→ **YOUR TASK**: Pull every line with "name" from the data below and copy it.

[Start of Attachment]

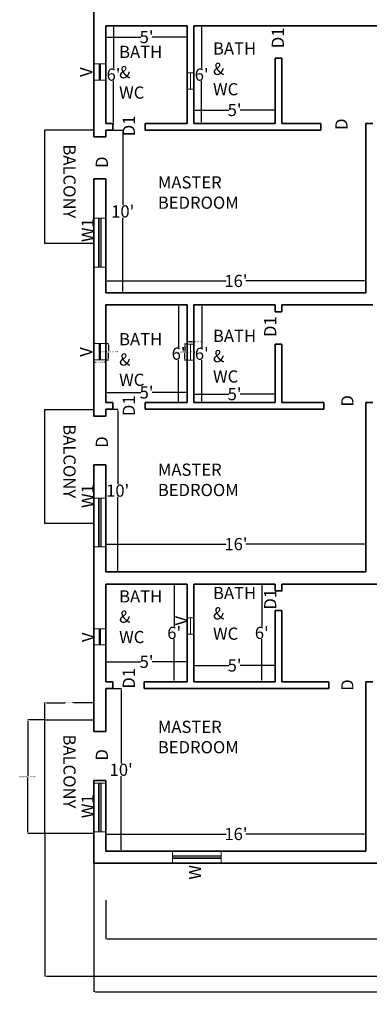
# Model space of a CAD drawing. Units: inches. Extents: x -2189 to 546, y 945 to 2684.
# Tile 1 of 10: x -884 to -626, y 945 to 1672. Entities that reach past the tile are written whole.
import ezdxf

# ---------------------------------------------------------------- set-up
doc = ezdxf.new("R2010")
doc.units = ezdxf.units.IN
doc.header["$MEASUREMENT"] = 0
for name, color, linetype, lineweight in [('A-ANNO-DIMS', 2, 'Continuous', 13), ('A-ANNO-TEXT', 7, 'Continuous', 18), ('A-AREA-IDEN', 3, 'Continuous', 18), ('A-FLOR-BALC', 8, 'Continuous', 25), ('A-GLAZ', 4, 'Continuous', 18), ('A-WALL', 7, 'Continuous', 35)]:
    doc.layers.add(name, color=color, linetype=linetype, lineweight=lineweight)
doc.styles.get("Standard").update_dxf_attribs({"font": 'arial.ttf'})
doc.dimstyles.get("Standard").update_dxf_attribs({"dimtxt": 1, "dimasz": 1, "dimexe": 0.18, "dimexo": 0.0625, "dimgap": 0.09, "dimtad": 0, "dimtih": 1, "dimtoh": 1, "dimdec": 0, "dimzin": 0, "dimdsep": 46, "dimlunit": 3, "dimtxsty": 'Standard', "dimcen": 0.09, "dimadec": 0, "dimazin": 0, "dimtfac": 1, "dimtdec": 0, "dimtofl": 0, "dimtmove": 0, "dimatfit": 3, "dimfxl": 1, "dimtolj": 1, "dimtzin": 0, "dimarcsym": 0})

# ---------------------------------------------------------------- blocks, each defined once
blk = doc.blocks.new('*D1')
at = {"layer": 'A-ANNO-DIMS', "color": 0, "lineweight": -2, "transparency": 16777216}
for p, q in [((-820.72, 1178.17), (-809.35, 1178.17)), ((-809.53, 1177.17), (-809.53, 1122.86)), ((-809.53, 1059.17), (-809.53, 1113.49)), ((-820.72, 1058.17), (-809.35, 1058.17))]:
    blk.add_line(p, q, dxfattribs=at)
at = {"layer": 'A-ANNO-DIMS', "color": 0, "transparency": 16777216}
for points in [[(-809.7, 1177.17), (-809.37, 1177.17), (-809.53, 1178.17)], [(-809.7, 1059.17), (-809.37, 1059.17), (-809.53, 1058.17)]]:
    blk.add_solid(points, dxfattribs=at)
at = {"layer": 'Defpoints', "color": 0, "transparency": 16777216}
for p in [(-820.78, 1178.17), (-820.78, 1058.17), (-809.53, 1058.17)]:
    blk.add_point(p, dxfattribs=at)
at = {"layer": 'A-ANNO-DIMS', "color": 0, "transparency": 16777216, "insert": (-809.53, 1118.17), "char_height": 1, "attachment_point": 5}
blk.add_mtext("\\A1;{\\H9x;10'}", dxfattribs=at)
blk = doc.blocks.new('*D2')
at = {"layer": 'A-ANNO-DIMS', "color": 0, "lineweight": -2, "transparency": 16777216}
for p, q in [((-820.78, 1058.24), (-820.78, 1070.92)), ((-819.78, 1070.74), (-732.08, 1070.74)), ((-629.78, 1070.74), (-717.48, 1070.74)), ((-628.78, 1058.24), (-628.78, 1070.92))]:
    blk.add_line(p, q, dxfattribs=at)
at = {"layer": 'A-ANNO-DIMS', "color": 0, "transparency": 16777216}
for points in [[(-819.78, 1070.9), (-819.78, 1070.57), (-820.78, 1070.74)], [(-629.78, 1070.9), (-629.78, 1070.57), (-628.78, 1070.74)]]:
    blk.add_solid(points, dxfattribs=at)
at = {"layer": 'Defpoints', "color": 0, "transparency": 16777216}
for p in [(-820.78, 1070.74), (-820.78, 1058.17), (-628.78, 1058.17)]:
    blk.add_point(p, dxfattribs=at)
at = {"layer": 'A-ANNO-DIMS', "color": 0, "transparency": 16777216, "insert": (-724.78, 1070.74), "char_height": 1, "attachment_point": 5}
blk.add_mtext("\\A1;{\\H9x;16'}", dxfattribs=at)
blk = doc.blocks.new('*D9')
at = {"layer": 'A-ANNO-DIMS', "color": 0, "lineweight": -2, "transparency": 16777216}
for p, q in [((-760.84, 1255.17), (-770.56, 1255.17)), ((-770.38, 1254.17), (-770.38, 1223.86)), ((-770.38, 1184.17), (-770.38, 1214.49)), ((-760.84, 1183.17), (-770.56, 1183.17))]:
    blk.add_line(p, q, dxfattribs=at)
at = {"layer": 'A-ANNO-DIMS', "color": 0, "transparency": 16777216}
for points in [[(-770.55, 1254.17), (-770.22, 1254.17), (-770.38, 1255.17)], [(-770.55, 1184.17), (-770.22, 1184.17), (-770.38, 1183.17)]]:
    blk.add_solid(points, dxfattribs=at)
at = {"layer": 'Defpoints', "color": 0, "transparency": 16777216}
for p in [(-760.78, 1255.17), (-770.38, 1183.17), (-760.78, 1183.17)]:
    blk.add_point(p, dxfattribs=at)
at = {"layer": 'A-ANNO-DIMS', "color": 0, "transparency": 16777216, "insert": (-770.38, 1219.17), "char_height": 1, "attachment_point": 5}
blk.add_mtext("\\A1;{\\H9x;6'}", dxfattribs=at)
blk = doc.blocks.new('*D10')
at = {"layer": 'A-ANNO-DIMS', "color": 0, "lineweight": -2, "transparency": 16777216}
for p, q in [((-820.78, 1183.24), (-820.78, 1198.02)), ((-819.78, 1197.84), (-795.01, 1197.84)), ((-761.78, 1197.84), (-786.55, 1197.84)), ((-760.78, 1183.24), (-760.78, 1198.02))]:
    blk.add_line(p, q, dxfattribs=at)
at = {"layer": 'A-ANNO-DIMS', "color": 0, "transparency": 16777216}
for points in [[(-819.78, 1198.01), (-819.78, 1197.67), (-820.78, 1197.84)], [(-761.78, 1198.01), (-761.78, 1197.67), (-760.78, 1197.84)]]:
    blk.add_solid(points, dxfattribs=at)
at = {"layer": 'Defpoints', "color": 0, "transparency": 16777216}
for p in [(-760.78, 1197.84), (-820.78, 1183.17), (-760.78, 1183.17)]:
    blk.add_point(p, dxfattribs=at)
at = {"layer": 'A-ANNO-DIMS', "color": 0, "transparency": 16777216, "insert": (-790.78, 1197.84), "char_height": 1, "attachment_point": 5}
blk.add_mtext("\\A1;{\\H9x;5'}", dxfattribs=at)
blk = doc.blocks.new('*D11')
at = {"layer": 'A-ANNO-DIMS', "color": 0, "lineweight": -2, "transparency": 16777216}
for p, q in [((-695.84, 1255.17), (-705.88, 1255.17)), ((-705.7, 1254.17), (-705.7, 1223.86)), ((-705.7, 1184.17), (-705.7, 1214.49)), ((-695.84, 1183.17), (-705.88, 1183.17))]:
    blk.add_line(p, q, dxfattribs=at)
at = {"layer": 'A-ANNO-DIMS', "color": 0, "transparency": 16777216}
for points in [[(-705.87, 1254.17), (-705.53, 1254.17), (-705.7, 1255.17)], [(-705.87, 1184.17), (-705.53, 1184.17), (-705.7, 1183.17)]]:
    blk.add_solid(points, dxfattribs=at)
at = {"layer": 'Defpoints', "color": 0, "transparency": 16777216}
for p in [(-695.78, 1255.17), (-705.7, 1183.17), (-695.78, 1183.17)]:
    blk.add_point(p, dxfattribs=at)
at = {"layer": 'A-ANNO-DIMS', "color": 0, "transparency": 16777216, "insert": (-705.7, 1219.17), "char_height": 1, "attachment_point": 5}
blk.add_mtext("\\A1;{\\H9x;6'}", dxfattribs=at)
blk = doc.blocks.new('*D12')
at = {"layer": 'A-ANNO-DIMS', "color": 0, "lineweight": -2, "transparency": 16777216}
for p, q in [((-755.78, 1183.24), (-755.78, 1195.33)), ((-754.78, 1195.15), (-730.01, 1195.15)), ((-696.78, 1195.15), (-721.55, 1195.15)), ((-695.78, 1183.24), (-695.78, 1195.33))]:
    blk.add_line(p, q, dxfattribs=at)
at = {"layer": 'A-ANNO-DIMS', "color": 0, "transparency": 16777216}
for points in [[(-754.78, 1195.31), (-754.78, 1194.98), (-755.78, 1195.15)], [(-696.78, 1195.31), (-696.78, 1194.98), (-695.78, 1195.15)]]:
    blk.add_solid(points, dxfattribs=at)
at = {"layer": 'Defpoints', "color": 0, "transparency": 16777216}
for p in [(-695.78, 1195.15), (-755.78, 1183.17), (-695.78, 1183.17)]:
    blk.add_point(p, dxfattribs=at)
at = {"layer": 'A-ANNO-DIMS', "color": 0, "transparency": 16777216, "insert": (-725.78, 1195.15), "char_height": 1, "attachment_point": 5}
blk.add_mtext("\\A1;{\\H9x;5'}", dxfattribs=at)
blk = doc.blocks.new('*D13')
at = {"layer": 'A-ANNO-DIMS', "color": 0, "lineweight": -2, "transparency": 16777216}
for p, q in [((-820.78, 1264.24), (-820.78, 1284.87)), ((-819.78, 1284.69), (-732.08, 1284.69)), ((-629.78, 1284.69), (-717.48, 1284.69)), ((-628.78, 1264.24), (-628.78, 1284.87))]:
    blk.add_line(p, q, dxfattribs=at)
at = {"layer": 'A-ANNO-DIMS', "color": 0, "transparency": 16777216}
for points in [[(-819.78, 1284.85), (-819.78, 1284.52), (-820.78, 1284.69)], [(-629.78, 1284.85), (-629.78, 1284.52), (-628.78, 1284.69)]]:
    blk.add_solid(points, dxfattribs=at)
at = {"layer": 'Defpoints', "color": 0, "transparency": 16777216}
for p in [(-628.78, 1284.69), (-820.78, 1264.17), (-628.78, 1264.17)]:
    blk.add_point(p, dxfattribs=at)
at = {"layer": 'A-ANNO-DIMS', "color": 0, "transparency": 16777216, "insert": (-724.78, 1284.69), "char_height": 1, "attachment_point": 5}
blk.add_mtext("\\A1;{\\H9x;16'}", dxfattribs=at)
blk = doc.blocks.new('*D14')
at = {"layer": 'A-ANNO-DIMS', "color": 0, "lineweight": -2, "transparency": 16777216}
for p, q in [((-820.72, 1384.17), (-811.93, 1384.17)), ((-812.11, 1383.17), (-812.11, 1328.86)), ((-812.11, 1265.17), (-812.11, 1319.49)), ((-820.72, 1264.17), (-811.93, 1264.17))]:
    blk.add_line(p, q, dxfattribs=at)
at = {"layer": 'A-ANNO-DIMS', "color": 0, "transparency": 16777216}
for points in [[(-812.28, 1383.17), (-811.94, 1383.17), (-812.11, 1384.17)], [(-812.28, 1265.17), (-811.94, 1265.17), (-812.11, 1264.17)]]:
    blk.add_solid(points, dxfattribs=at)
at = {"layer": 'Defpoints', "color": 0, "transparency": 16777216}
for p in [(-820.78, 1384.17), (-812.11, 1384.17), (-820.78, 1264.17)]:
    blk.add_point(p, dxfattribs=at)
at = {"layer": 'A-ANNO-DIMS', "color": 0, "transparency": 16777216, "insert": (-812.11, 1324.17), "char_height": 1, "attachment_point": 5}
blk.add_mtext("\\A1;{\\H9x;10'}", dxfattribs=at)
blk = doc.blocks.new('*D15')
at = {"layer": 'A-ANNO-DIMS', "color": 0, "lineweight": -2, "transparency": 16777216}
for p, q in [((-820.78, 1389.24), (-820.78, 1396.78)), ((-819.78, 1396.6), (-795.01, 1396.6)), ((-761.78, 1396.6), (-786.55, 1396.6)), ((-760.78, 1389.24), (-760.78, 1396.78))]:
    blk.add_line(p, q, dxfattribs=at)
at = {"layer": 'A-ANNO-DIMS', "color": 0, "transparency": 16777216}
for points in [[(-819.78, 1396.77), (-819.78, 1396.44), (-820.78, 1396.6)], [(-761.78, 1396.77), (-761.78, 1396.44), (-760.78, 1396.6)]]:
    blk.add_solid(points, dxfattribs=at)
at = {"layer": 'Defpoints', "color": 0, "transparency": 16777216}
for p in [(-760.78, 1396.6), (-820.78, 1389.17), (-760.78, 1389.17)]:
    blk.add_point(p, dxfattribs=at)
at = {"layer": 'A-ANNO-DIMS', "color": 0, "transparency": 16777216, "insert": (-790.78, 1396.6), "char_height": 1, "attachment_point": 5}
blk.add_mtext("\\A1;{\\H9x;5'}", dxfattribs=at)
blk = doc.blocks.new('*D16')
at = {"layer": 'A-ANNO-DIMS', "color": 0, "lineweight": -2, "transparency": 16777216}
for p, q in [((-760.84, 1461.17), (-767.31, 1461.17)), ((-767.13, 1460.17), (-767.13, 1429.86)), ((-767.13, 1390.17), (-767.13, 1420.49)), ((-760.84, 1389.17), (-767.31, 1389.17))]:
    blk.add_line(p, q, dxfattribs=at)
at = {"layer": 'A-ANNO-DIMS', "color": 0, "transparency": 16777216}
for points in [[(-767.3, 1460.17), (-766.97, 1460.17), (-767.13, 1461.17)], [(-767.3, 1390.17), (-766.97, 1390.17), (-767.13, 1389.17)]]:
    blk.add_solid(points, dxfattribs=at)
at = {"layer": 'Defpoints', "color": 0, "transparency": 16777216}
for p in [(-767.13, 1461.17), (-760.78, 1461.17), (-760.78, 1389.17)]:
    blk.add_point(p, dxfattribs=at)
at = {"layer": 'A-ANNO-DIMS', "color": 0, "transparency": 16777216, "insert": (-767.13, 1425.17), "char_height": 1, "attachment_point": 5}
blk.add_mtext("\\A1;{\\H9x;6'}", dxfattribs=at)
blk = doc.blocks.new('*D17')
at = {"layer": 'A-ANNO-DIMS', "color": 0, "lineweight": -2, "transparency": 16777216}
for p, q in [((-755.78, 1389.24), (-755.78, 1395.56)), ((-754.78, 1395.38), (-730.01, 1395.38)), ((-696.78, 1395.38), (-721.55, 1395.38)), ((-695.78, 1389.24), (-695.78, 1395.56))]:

[End of Attachment]

→ **ANSWER SECTION**:
for name, color, linetype, lineweight in [('A-ANNO-DIMS', 2, 'Continuous', 13), ('A-ANNO-TEXT', 7, 'Continuous', 18), ('A-AREA-IDEN', 3, 'Continuous', 18), ('A-FLOR-BALC', 8, 'Continuous', 25), ('A-GLAZ', 4, 'Continuous', 18), ('A-WALL', 7, 'Continuous', 35)]:
    doc.layers.add(name, color=color, linetype=linetype, lineweight=lineweight)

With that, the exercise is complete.